* What the exercise asks
For the word "DOOR", return each line of the data in which it occurs.

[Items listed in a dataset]
##############################

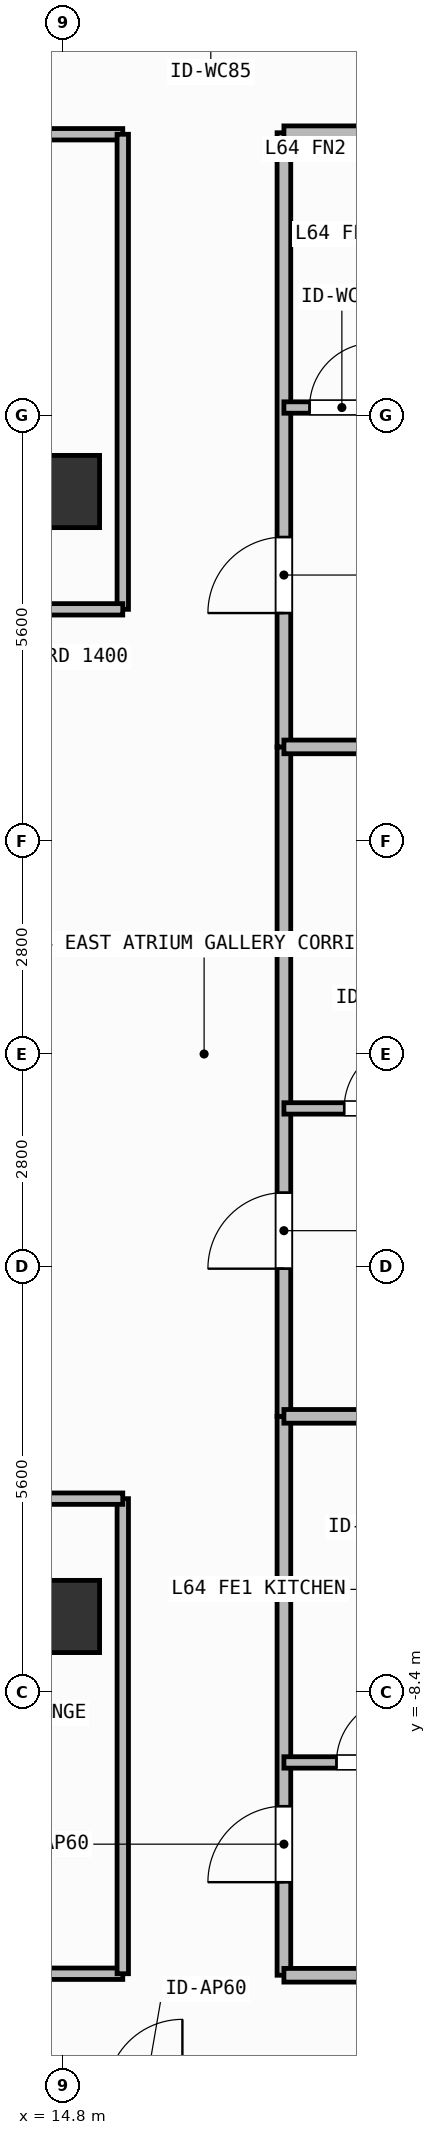
"""IFC4 building model, lengths in metres.
Left out: names, types, materials, properties, quantities, classifications, styles, units other than length and angle.
Written with IfcOpenShell. Run it as: python <this file> out.ifc"""

import sys

from ifc_helpers import new_model, si_unit, direction, frame, frame_2d, origin, origin_2d, place, context, subcontext, project, spatial, rectangle, extrude, element, fill, save


model = new_model("IFC4")
c1 = context("Model", 3, precision=1e-05, world=origin(), true_north=direction((0.0, 1.0)))
c2 = subcontext(c1, "Body", "Model", "MODEL_VIEW")
j1 = project(units=[si_unit("LENGTHUNIT", "METRE"), si_unit("PLANEANGLEUNIT", "RADIAN")], contexts=[c1])
p1 = place(None, origin())
s1 = spatial("IfcSite", under=j1, at=p1, CompositionType="ELEMENT")
p2 = place(p1, origin())
s2 = spatial("IfcBuilding", under=s1, at=p2, CompositionType="ELEMENT")
p3 = place(p2, frame((0.0, 0.0, 262.5)))
s3 = spatial("IfcBuildingStorey", under=s2, at=p3, CompositionType="ELEMENT", Elevation=262.5)
for number, where, z_axis, x_axis in (
    (1, (14.8, -7.4, 0.0), (0.0, 0.0, 1.0), (1.0, 0.0, 0.0)),
    (2, (14.8, 7.4, 0.0), (0.0, 0.0, 1.0), (1.0, 0.0, 0.0)),
):
    element("IfcColumn", number, at=place(p3, frame(where, z_axis=z_axis, x_axis=x_axis)), inside=s3, PredefinedType="COLUMN", context=c2, shape_type="SweptSolid", body=[
        extrude(rectangle(XDim=0.95, YDim=0.95, at=origin_2d()), origin(), (0.0, 0.0, 1.0), 3.9),
    ])
p4 = place(p3, frame((10.1, -12.1, 0.0), z_axis=(0.0, 0.0, 1.0), x_axis=(1.0, 0.0, 0.0)))
e3 = element("IfcWall", 3, at=p4, inside=s3, PredefinedType="PARTITIONING", context=c2, shape_type="SweptSolid", body=[
    extrude(rectangle(XDim=5.48, YDim=0.15, at=frame_2d((2.74, 0.0))), origin(), (0.0, 0.0, 1.0), 3.68),
])
p5 = place(p4, frame((2.29, 0.0, 0.0)))
e4 = element("IfcOpeningElement", 4, at=p5, cuts=e3, PredefinedType="OPENING", context=c2, shape_type="SweptSolid", body=[
    extrude(rectangle(XDim=0.9, YDim=2.1, at=frame_2d((0.45, 1.05))), frame((0.0, 0.085, 0.0), z_axis=(0.0, -1.0, 0.0), x_axis=(1.0, 0.0, 0.0)), (0.0, 0.0, 1.0), 0.17),
])
p6 = place(p3, frame((8.36, 12.1, 0.0), z_axis=(0.0, 0.0, 1.0), x_axis=(1.0, 0.0, 0.0)))
e5 = element("IfcWall", 5, at=p6, inside=s3, PredefinedType="PARTITIONING", context=c2, shape_type="SweptSolid", body=[
    extrude(rectangle(XDim=7.22, YDim=0.15, at=frame_2d((3.61, 0.0))), origin(), (0.0, 0.0, 1.0), 3.68),
])
p7 = place(p6, frame((3.513, 0.0, 0.0)))
e6 = element("IfcOpeningElement", 6, at=p7, cuts=e5, PredefinedType="OPENING", context=c2, shape_type="SweptSolid", body=[
    extrude(rectangle(XDim=0.9, YDim=2.1, at=frame_2d((0.45, 1.05))), frame((0.0, 0.085, 0.0), z_axis=(0.0, -1.0, 0.0), x_axis=(1.0, 0.0, 0.0)), (0.0, 0.0, 1.0), 0.17),
])
p8 = place(p3, frame((17.7, -12.12, 0.0), z_axis=(0.0, 0.0, 1.0), x_axis=(0.0, 1.0, 0.0)))
e7 = element("IfcWall", 7, at=p8, inside=s3, PredefinedType="PARTITIONING", context=c2, shape_type="SweptSolid", body=[
    extrude(rectangle(XDim=7.353, YDim=0.18, at=frame_2d((3.677, 0.0))), origin(), (0.0, 0.0, 1.0), 3.68),
])
p9 = place(p8, frame((1.225, 0.0, 0.0)))
e8 = element("IfcOpeningElement", 8, at=p9, cuts=e7, PredefinedType="OPENING", context=c2, shape_type="SweptSolid", body=[
    extrude(rectangle(XDim=1.0, YDim=2.2, at=frame_2d((0.5, 1.1))), frame((0.0, 0.1, 0.0), z_axis=(0.0, -1.0, 0.0), x_axis=(1.0, 0.0, 0.0)), (0.0, 0.0, 1.0), 0.2),
])
p10 = place(p3, frame((17.7, -9.32, 0.0), z_axis=(0.0, 0.0, 1.0), x_axis=(1.0, 0.0, 0.0)))
e9 = element("IfcWall", 9, at=p10, inside=s3, PredefinedType="PARTITIONING", context=c2, shape_type="SweptSolid", body=[
    extrude(rectangle(XDim=2.233, YDim=0.15, at=frame_2d((1.117, 0.0))), origin(), (0.0, 0.0, 1.0), 3.68),
])
p11 = place(p10, frame((0.691, 0.0, 0.0)))
e10 = element("IfcOpeningElement", 10, at=p11, cuts=e9, PredefinedType="OPENING", context=c2, shape_type="SweptSolid", body=[
    extrude(rectangle(XDim=0.85, YDim=2.1, at=frame_2d((0.425, 1.05))), frame((0.0, 0.085, 0.0), z_axis=(0.0, -1.0, 0.0), x_axis=(1.0, 0.0, 0.0)), (0.0, 0.0, 1.0), 0.17),
])
p12 = place(p3, frame((17.7, -4.767, 0.0), z_axis=(0.0, 0.0, 1.0), x_axis=(0.0, 1.0, 0.0)))
e11 = element("IfcWall", 11, at=p12, inside=s3, PredefinedType="PARTITIONING", context=c2, shape_type="SweptSolid", body=[
    extrude(rectangle(XDim=8.807, YDim=0.18, at=frame_2d((4.404, 0.0))), origin(), (0.0, 0.0, 1.0), 3.68),
])
p13 = place(p12, frame((1.943, 0.0, 0.0)))
e12 = element("IfcOpeningElement", 12, at=p13, cuts=e11, PredefinedType="OPENING", context=c2, shape_type="SweptSolid", body=[
    extrude(rectangle(XDim=1.0, YDim=2.2, at=frame_2d((0.5, 1.1))), frame((0.0, 0.1, 0.0), z_axis=(0.0, -1.0, 0.0), x_axis=(1.0, 0.0, 0.0)), (0.0, 0.0, 1.0), 0.2),
])
p14 = place(p3, frame((17.7, -0.716, 0.0), z_axis=(0.0, 0.0, 1.0), x_axis=(1.0, 0.0, 0.0)))
e13 = element("IfcWall", 13, at=p14, inside=s3, PredefinedType="PARTITIONING", context=c2, shape_type="SweptSolid", body=[
    extrude(rectangle(XDim=2.277, YDim=0.15, at=frame_2d((1.139, 0.0))), origin(), (0.0, 0.0, 1.0), 3.68),
])
p15 = place(p14, frame((0.792, 0.0, 0.0)))
e14 = element("IfcOpeningElement", 14, at=p15, cuts=e13, PredefinedType="OPENING", context=c2, shape_type="SweptSolid", body=[
    extrude(rectangle(XDim=0.85, YDim=2.1, at=frame_2d((0.425, 1.05))), frame((0.0, 0.085, 0.0), z_axis=(0.0, -1.0, 0.0), x_axis=(1.0, 0.0, 0.0)), (0.0, 0.0, 1.0), 0.17),
])
p16 = place(p3, frame((17.7, 4.04, 0.0), z_axis=(0.0, 0.0, 1.0), x_axis=(0.0, 1.0, 0.0)))
e15 = element("IfcWall", 15, at=p16, inside=s3, PredefinedType="PARTITIONING", context=c2, shape_type="SweptSolid", body=[
    extrude(rectangle(XDim=8.08, YDim=0.18, at=frame_2d((4.04, 0.0))), origin(), (0.0, 0.0, 1.0), 3.68),
])
p17 = place(p16, frame((1.761, 0.0, 0.0)))
e16 = element("IfcOpeningElement", 16, at=p17, cuts=e15, PredefinedType="OPENING", context=c2, shape_type="SweptSolid", body=[
    extrude(rectangle(XDim=1.0, YDim=2.2, at=frame_2d((0.5, 1.1))), frame((0.0, 0.1, 0.0), z_axis=(0.0, -1.0, 0.0), x_axis=(1.0, 0.0, 0.0)), (0.0, 0.0, 1.0), 0.2),
])
p18 = place(p3, frame((17.7, 8.505, 0.0), z_axis=(0.0, 0.0, 1.0), x_axis=(1.0, 0.0, 0.0)))
e17 = element("IfcWall", 17, at=p18, inside=s3, PredefinedType="PARTITIONING", context=c2, shape_type="SweptSolid", body=[
    extrude(rectangle(XDim=2.59, YDim=0.15, at=frame_2d((1.295, 0.0))), origin(), (0.0, 0.0, 1.0), 3.68),
])
p19 = place(p18, frame((0.337, 0.0, 0.0)))
e18 = element("IfcOpeningElement", 18, at=p19, cuts=e17, PredefinedType="OPENING", context=c2, shape_type="SweptSolid", body=[
    extrude(rectangle(XDim=0.85, YDim=2.1, at=frame_2d((0.425, 1.05))), frame((0.0, 0.085, 0.0), z_axis=(0.0, -1.0, 0.0), x_axis=(1.0, 0.0, 0.0)), (0.0, 0.0, 1.0), 0.17),
])
p20 = place(p3, frame((15.58, -12.1, 0.0), z_axis=(0.0, 0.0, 1.0), x_axis=(0.0, 1.0, 0.0)))
e19 = element("IfcWall", 19, at=p20, inside=s3, PredefinedType="PARTITIONING", context=c2, shape_type="SweptSolid", body=[
    extrude(rectangle(XDim=6.25, YDim=0.15, at=frame_2d((3.125, 0.0))), origin(), (0.0, 0.0, 1.0), 3.68),
])
p21 = place(p3, frame((8.96, -5.85, 0.0), z_axis=(0.0, 0.0, 1.0), x_axis=(1.0, 0.0, 0.0)))
e20 = element("IfcWall", 20, at=p21, inside=s3, PredefinedType="PARTITIONING", context=c2, shape_type="SweptSolid", body=[
    extrude(rectangle(XDim=6.62, YDim=0.15, at=frame_2d((3.31, 0.0))), origin(), (0.0, 0.0, 1.0), 3.68),
])
p22 = place(p3, frame((15.58, 5.85, 0.0), z_axis=(0.0, 0.0, 1.0), x_axis=(0.0, 1.0, 0.0)))
e21 = element("IfcWall", 21, at=p22, inside=s3, PredefinedType="PARTITIONING", context=c2, shape_type="SweptSolid", body=[
    extrude(rectangle(XDim=6.25, YDim=0.15, at=frame_2d((3.125, 0.0))), origin(), (0.0, 0.0, 1.0), 3.68),
])
p23 = place(p3, frame((8.96, 5.85, 0.0), z_axis=(0.0, 0.0, 1.0), x_axis=(1.0, 0.0, 0.0)))
e22 = element("IfcWall", 22, at=p23, inside=s3, PredefinedType="PARTITIONING", context=c2, shape_type="SweptSolid", body=[
    extrude(rectangle(XDim=6.62, YDim=0.15, at=frame_2d((3.31, 0.0))), origin(), (0.0, 0.0, 1.0), 3.68),
])
for number, where, z_axis, x_axis in (
    (23, (17.7, -4.767, 0.0), (0.0, 0.0, 1.0), (1.0, 0.0, 0.0)),
    (24, (17.7, 4.04, 0.0), (0.0, 0.0, 1.0), (1.0, 0.0, 0.0)),
    (25, (17.7, -12.12, 0.0), (0.0, 0.0, 1.0), (1.0, 0.0, 0.0)),
    (26, (17.7, 12.12, 0.0), (0.0, 0.0, 1.0), (1.0, 0.0, 0.0)),
):
    element("IfcWall", number, at=place(p3, frame(where, z_axis=z_axis, x_axis=x_axis)), inside=s3, PredefinedType="PARTITIONING", context=c2, shape_type="SweptSolid", body=[
        extrude(rectangle(XDim=7.03, YDim=0.18, at=frame_2d((3.515, 0.0))), origin(), (0.0, 0.0, 1.0), 3.68),
    ])
p24 = place(p9, origin())
e27 = element("IfcDoor", 27, at=p24, inside=s3, OperationType="SINGLE_SWING_LEFT", PredefinedType="DOOR", context=c2, shape_type="SweptSolid", body=[
    extrude(rectangle(XDim=1.0, YDim=2.2, at=frame_2d((0.5, 1.1))), frame((0.0, 0.025, 0.0), z_axis=(0.0, -1.0, 0.0), x_axis=(1.0, 0.0, 0.0)), (0.0, 0.0, 1.0), 0.05),
])
fill(e8, e27)
p25 = place(p11, origin())
e28 = element("IfcDoor", 28, at=p25, inside=s3, OperationType="SINGLE_SWING_RIGHT", PredefinedType="DOOR", context=c2, shape_type="SweptSolid", body=[
    extrude(rectangle(XDim=0.85, YDim=2.1, at=frame_2d((0.425, 1.05))), frame((0.0, 0.025, 0.0), z_axis=(0.0, -1.0, 0.0), x_axis=(1.0, 0.0, 0.0)), (0.0, 0.0, 1.0), 0.05),
])
fill(e10, e28)
p26 = place(p13, origin())
e29 = element("IfcDoor", 29, at=p26, inside=s3, OperationType="SINGLE_SWING_LEFT", PredefinedType="DOOR", context=c2, shape_type="SweptSolid", body=[
    extrude(rectangle(XDim=1.0, YDim=2.2, at=frame_2d((0.5, 1.1))), frame((0.0, 0.025, 0.0), z_axis=(0.0, -1.0, 0.0), x_axis=(1.0, 0.0, 0.0)), (0.0, 0.0, 1.0), 0.05),
])
fill(e12, e29)
p27 = place(p15, origin())
e30 = element("IfcDoor", 30, at=p27, inside=s3, OperationType="SINGLE_SWING_RIGHT", PredefinedType="DOOR", context=c2, shape_type="SweptSolid", body=[
    extrude(rectangle(XDim=0.85, YDim=2.1, at=frame_2d((0.425, 1.05))), frame((0.0, 0.025, 0.0), z_axis=(0.0, -1.0, 0.0), x_axis=(1.0, 0.0, 0.0)), (0.0, 0.0, 1.0), 0.05),
])
fill(e14, e30)
p28 = place(p17, origin())
e31 = element("IfcDoor", 31, at=p28, inside=s3, OperationType="SINGLE_SWING_LEFT", PredefinedType="DOOR", context=c2, shape_type="SweptSolid", body=[
    extrude(rectangle(XDim=1.0, YDim=2.2, at=frame_2d((0.5, 1.1))), frame((0.0, 0.025, 0.0), z_axis=(0.0, -1.0, 0.0), x_axis=(1.0, 0.0, 0.0)), (0.0, 0.0, 1.0), 0.05),
])
fill(e16, e31)
p29 = place(p19, origin())
e32 = element("IfcDoor", 32, at=p29, inside=s3, OperationType="SINGLE_SWING_RIGHT", PredefinedType="DOOR", context=c2, shape_type="SweptSolid", body=[
    extrude(rectangle(XDim=0.85, YDim=2.1, at=frame_2d((0.425, 1.05))), frame((0.0, 0.025, 0.0), z_axis=(0.0, -1.0, 0.0), x_axis=(1.0, 0.0, 0.0)), (0.0, 0.0, 1.0), 0.05),
])
fill(e18, e32)
save(model, sys.argv[1])

##############################

* Your solution
e27 = element("IfcDoor", 27, at=p24, inside=s3, OperationType="SINGLE_SWING_LEFT", PredefinedType="DOOR", context=c2, shape_type="SweptSolid", body=[
e28 = element("IfcDoor", 28, at=p25, inside=s3, OperationType="SINGLE_SWING_RIGHT", PredefinedType="DOOR", context=c2, shape_type="SweptSolid", body=[
e29 = element("IfcDoor", 29, at=p26, inside=s3, OperationType="SINGLE_SWING_LEFT", PredefinedType="DOOR", context=c2, shape_type="SweptSolid", body=[
e30 = element("IfcDoor", 30, at=p27, inside=s3, OperationType="SINGLE_SWING_RIGHT", PredefinedType="DOOR", context=c2, shape_type="SweptSolid", body=[
e31 = element("IfcDoor", 31, at=p28, inside=s3, OperationType="SINGLE_SWING_LEFT", PredefinedType="DOOR", context=c2, shape_type="SweptSolid", body=[
e32 = element("IfcDoor", 32, at=p29, inside=s3, OperationType="SINGLE_SWING_RIGHT", PredefinedType="DOOR", context=c2, shape_type="SweptSolid", body=[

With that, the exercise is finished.